* _Exercise objective_: Print the lines in the listing below that fall between the line with "#156=DIRECTION('',(-0.,0.,-1.));" and the line with "#173=AXIS2_PLACEMENT_3D('',#170,#171,#172);", those two lines included, exactly as they stand and with nothing else.

* _Records to process_:
*** Begin section ***

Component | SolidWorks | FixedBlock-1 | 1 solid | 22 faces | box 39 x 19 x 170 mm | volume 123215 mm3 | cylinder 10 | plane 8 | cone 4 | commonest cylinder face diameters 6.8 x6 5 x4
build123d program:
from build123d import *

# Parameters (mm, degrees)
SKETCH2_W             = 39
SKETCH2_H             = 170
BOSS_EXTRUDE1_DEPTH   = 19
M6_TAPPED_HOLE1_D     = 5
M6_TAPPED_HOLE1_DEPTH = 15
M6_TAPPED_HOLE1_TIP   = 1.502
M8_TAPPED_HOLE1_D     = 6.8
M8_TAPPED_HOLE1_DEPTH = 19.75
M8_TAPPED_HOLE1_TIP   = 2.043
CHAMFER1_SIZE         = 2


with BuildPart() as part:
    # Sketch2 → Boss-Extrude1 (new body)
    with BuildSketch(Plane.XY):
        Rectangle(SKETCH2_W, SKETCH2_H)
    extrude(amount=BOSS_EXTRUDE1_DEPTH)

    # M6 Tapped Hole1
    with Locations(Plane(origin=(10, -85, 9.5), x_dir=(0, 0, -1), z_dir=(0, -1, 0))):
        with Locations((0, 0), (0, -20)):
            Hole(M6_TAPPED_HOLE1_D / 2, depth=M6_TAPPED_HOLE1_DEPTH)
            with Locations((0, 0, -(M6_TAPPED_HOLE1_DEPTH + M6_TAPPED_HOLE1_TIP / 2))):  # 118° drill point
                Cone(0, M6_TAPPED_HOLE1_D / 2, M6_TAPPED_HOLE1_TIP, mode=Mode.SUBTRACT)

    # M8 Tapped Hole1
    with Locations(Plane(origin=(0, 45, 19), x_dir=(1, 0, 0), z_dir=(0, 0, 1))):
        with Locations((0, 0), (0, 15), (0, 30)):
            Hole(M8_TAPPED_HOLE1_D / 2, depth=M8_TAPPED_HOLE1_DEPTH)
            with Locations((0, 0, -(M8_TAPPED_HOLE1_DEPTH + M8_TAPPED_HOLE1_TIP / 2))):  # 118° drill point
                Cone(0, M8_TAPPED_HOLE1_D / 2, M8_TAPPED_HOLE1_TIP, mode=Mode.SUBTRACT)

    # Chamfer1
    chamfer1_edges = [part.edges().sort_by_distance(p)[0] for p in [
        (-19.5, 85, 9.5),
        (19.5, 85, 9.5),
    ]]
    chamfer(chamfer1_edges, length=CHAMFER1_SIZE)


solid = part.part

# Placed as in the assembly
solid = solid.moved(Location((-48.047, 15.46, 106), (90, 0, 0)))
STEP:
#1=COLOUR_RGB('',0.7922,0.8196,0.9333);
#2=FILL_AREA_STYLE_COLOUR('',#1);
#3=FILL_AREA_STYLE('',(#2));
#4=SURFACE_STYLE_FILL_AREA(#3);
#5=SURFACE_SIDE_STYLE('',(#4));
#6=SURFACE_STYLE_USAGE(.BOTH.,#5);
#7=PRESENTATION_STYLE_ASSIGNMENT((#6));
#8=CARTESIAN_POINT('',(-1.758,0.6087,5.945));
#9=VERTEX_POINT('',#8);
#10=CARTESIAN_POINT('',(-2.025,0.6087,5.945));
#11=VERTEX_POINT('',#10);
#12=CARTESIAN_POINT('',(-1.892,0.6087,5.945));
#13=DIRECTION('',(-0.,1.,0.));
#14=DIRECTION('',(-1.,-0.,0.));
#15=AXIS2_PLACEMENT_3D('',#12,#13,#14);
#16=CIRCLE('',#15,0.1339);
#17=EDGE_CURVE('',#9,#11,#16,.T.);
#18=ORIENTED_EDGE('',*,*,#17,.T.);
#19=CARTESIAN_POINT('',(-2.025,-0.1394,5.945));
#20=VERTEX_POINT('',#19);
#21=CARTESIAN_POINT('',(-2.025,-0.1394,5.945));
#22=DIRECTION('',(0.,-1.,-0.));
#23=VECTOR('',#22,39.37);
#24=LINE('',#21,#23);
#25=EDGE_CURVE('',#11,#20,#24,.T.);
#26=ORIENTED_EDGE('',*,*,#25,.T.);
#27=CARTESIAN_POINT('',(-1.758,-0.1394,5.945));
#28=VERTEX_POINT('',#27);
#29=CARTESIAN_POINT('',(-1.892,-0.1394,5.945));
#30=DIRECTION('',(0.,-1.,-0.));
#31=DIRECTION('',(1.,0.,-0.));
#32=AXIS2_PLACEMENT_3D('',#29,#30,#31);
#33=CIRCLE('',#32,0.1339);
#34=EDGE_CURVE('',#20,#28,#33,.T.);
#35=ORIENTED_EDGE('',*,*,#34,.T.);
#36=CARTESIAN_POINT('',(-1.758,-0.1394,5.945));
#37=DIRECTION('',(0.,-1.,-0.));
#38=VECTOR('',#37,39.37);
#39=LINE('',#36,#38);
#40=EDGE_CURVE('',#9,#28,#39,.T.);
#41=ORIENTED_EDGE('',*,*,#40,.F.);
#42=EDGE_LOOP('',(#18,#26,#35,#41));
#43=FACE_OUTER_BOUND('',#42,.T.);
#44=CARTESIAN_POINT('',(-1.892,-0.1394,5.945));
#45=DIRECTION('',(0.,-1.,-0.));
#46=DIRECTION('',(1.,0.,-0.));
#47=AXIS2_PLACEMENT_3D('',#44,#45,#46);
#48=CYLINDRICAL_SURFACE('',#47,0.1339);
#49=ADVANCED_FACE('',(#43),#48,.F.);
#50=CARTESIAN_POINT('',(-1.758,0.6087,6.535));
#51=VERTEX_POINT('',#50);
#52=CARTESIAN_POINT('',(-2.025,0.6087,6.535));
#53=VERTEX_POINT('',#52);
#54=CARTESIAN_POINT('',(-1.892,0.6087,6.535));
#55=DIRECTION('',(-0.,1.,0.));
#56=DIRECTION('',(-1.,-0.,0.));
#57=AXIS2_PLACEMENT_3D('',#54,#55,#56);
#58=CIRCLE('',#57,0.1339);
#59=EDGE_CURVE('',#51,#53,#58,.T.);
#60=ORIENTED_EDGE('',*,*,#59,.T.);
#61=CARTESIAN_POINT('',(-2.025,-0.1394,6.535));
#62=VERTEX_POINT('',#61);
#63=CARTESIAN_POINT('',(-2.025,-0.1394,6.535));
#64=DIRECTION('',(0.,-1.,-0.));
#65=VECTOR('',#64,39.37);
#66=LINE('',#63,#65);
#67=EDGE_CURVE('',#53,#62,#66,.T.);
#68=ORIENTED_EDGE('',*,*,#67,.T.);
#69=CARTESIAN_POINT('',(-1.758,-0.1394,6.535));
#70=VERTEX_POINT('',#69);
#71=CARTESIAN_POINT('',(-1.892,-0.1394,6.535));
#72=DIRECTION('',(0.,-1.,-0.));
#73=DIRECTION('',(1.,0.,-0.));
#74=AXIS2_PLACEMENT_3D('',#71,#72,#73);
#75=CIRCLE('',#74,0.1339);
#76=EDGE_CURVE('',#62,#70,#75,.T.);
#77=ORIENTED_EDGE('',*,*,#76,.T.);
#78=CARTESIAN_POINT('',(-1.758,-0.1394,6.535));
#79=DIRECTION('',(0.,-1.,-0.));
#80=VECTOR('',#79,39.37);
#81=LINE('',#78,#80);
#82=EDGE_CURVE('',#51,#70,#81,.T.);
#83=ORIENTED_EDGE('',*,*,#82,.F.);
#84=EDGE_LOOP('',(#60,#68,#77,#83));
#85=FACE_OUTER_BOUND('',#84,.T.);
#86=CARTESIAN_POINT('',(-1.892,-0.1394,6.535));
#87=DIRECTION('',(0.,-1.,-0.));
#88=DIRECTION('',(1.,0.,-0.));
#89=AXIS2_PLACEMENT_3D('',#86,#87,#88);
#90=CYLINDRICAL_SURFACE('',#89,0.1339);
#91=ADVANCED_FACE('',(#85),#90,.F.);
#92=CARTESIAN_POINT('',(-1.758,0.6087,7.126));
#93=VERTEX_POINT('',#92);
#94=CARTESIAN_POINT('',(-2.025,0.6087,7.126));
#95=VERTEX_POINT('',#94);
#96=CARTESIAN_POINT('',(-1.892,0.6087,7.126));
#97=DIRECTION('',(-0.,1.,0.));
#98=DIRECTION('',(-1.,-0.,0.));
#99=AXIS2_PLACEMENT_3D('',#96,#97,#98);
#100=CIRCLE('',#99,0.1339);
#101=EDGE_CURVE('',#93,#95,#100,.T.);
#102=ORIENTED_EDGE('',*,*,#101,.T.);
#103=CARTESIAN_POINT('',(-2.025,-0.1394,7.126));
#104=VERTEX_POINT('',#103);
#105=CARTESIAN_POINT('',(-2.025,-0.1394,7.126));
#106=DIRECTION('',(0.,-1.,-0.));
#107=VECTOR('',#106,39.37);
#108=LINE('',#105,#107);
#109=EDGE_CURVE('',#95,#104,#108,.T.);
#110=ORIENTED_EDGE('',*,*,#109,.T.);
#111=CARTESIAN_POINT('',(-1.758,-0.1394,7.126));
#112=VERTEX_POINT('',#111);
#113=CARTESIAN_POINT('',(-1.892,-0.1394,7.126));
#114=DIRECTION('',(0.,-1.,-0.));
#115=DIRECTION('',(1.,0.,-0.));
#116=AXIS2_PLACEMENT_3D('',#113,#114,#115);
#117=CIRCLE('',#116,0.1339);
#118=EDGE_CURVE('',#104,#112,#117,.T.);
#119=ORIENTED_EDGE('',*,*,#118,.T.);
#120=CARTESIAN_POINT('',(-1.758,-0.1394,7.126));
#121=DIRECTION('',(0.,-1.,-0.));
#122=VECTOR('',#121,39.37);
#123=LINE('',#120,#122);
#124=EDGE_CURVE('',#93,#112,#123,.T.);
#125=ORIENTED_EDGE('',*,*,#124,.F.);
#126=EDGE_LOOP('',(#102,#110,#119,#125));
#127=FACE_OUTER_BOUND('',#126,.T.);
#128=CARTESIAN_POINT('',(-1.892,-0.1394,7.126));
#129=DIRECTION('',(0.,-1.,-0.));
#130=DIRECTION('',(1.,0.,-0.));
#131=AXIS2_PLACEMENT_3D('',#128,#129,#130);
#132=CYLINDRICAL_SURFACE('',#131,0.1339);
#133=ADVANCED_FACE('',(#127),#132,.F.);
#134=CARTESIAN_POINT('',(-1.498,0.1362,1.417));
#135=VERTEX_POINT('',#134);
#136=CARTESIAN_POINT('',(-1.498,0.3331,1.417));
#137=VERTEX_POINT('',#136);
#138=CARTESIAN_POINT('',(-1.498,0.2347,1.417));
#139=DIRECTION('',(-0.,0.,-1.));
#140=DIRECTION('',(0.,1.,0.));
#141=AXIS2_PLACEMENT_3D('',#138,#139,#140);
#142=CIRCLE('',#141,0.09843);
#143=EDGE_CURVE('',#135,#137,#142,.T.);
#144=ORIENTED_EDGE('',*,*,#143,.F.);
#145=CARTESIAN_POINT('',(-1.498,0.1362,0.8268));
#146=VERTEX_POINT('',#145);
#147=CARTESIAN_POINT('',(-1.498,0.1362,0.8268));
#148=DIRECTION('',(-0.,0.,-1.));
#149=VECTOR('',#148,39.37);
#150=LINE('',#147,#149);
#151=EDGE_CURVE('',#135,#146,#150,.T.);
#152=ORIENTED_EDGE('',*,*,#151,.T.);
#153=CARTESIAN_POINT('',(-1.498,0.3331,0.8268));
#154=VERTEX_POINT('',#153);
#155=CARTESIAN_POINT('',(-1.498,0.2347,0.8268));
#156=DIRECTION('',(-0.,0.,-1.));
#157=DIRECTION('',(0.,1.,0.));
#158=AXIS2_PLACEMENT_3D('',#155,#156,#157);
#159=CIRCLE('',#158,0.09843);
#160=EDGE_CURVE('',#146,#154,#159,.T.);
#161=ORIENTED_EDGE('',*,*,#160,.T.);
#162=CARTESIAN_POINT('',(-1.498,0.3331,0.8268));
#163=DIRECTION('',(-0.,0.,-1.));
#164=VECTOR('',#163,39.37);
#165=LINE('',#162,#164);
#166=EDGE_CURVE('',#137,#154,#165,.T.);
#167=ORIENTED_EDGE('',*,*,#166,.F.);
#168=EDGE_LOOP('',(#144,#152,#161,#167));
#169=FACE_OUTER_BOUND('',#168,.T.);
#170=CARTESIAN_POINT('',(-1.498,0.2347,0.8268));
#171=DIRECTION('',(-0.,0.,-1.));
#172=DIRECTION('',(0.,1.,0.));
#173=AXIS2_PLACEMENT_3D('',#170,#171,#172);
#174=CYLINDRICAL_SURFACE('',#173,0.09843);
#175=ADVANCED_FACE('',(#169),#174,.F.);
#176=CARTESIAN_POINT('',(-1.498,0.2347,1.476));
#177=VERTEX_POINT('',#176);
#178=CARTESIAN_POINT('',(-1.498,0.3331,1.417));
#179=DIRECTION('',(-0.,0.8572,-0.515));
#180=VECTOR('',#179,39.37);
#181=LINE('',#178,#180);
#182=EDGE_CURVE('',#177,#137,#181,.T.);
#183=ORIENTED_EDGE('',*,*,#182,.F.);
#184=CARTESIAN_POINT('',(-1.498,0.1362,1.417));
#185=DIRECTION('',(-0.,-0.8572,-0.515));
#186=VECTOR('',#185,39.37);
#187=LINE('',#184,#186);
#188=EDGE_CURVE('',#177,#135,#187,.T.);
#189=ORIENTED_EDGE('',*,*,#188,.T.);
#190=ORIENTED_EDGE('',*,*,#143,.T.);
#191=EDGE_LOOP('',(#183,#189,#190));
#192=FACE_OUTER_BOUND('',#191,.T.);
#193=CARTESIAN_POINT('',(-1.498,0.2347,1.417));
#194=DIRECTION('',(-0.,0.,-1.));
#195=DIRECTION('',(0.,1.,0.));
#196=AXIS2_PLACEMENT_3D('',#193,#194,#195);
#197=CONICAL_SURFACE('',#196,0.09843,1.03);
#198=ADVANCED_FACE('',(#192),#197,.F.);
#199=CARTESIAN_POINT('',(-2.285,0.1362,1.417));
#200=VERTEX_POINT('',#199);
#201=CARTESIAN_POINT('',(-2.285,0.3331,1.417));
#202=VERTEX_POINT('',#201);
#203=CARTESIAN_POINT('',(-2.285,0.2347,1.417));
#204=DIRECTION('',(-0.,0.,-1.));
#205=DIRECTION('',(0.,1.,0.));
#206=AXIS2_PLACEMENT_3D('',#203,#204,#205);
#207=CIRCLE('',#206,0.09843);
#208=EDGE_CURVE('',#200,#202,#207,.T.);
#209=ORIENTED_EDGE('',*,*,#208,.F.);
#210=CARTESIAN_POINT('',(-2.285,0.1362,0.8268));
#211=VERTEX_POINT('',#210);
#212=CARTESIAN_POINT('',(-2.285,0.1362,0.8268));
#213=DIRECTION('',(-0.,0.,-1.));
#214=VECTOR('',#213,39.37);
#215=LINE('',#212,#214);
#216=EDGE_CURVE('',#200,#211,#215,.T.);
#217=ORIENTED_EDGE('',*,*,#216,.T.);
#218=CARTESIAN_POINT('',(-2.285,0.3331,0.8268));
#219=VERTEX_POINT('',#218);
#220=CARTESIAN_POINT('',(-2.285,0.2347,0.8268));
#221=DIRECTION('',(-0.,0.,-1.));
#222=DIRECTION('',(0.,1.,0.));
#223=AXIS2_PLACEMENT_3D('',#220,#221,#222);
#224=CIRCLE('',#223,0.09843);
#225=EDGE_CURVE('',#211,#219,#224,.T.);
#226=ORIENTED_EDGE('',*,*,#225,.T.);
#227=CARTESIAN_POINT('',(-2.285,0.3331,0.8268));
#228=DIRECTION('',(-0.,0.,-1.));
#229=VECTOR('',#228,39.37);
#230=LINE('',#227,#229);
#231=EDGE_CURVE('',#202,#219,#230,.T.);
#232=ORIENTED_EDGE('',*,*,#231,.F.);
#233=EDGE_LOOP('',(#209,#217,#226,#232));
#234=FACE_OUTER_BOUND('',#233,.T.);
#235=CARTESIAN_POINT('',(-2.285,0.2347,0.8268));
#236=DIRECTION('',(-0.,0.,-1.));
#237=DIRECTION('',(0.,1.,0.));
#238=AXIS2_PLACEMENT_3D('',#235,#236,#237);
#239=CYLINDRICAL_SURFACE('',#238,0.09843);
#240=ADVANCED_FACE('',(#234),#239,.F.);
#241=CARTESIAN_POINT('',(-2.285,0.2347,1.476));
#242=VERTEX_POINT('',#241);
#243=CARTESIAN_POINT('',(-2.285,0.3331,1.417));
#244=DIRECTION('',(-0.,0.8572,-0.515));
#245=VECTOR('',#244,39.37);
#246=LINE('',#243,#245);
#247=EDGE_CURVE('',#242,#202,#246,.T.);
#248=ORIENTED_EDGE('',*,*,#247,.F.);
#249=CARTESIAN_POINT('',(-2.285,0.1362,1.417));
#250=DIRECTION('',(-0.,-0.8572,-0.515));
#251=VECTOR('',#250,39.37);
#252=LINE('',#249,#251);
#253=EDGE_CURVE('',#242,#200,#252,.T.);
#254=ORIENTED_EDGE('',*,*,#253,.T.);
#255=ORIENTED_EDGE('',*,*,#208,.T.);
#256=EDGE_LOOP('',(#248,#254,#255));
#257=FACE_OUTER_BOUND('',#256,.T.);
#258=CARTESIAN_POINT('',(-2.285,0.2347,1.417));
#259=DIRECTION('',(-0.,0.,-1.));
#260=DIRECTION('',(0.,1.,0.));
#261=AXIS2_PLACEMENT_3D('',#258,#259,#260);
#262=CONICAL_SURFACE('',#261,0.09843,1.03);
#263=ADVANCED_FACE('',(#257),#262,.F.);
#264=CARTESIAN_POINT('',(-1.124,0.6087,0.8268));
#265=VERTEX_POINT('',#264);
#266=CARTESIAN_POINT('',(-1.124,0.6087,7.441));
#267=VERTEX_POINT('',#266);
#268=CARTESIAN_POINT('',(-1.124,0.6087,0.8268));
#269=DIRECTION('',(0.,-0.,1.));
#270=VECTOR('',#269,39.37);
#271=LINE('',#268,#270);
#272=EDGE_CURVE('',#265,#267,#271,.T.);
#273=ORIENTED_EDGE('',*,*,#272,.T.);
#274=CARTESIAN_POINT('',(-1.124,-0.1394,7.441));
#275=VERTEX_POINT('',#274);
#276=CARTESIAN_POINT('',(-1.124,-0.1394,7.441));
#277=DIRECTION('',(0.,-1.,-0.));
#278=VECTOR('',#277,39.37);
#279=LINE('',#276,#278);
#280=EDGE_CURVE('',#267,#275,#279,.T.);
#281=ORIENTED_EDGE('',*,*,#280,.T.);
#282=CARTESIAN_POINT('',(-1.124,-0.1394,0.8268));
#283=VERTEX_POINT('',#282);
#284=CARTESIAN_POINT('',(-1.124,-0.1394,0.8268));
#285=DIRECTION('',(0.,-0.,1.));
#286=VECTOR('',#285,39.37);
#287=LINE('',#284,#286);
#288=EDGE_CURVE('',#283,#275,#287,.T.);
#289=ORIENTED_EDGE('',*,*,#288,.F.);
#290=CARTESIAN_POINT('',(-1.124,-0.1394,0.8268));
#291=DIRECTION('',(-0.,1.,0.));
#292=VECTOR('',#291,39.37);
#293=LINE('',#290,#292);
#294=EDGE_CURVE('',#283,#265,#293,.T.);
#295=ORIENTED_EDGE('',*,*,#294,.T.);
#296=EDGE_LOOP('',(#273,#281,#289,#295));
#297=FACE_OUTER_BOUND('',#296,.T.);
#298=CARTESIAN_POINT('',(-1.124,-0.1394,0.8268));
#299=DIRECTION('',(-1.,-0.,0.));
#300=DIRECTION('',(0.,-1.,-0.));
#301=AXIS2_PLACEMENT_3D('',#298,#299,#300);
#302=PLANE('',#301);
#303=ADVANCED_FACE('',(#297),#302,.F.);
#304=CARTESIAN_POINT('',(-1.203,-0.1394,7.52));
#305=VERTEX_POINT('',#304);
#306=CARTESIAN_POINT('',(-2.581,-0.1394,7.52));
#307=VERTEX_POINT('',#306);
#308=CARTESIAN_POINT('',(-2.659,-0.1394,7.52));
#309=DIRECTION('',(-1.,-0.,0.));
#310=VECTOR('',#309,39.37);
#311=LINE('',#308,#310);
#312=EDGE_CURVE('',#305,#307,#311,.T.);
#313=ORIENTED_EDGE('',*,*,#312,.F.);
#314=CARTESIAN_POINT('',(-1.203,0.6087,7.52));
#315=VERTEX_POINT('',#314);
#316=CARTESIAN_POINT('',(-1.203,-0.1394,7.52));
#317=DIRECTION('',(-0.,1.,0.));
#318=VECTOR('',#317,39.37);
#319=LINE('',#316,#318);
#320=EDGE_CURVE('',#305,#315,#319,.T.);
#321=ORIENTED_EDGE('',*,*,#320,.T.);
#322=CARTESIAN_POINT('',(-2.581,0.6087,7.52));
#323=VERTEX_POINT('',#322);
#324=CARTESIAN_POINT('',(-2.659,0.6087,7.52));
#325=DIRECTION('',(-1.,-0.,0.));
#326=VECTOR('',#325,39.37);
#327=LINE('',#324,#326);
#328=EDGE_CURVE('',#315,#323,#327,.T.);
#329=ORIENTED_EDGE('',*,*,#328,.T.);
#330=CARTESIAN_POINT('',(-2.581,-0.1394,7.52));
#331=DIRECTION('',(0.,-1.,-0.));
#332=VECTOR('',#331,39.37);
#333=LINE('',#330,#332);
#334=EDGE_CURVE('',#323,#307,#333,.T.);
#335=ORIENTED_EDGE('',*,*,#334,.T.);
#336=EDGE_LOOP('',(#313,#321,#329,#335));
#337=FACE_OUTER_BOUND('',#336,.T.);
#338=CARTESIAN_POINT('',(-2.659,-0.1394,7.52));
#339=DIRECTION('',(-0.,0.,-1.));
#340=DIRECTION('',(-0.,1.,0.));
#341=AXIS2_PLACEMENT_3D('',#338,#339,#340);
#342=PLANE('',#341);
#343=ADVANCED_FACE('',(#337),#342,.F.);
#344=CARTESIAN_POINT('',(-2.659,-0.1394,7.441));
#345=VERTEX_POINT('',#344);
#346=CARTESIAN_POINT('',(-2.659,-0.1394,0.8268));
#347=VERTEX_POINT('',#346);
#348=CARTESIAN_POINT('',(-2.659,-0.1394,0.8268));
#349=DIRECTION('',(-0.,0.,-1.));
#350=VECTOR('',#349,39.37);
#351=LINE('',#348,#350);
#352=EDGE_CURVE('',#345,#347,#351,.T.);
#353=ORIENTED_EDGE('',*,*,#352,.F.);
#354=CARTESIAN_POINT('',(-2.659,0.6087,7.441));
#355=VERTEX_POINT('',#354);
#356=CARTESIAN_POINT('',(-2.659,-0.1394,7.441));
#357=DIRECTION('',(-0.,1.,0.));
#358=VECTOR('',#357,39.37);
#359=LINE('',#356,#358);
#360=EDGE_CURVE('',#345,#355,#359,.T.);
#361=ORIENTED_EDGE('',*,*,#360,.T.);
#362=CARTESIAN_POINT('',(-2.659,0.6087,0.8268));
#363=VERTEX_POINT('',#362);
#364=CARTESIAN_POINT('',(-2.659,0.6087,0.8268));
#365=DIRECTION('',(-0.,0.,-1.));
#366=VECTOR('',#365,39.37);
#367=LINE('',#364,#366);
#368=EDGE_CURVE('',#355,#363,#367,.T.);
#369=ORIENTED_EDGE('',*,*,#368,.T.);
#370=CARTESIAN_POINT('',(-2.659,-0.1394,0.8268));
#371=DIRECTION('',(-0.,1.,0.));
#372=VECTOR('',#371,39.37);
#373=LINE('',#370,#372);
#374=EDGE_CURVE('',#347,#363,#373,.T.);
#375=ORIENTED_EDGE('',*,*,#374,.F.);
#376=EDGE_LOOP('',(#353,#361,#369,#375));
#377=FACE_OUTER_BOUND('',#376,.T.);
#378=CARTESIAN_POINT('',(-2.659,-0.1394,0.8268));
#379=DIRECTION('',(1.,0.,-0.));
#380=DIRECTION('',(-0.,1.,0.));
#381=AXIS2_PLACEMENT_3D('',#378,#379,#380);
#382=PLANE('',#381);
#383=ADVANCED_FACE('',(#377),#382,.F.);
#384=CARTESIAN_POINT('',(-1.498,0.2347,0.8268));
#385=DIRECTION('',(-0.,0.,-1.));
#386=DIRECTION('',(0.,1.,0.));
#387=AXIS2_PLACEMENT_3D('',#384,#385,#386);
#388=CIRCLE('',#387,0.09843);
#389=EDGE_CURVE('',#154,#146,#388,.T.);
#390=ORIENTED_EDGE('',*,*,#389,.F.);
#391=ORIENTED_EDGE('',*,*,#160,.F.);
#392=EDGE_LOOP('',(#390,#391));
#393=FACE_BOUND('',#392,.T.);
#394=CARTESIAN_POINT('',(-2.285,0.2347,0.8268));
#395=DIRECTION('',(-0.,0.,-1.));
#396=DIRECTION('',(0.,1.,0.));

*** End section ***

* _Result of the exercise_:
#156=DIRECTION('',(-0.,0.,-1.));
#157=DIRECTION('',(0.,1.,0.));
#158=AXIS2_PLACEMENT_3D('',#155,#156,#157);
#159=CIRCLE('',#158,0.09843);
#160=EDGE_CURVE('',#146,#154,#159,.T.);
#161=ORIENTED_EDGE('',*,*,#160,.T.);
#162=CARTESIAN_POINT('',(-1.498,0.3331,0.8268));
#163=DIRECTION('',(-0.,0.,-1.));
#164=VECTOR('',#163,39.37);
#165=LINE('',#162,#164);
#166=EDGE_CURVE('',#137,#154,#165,.T.);
#167=ORIENTED_EDGE('',*,*,#166,.F.);
#168=EDGE_LOOP('',(#144,#152,#161,#167));
#169=FACE_OUTER_BOUND('',#168,.T.);
#170=CARTESIAN_POINT('',(-1.498,0.2347,0.8268));
#171=DIRECTION('',(-0.,0.,-1.));
#172=DIRECTION('',(0.,1.,0.));
#173=AXIS2_PLACEMENT_3D('',#170,#171,#172);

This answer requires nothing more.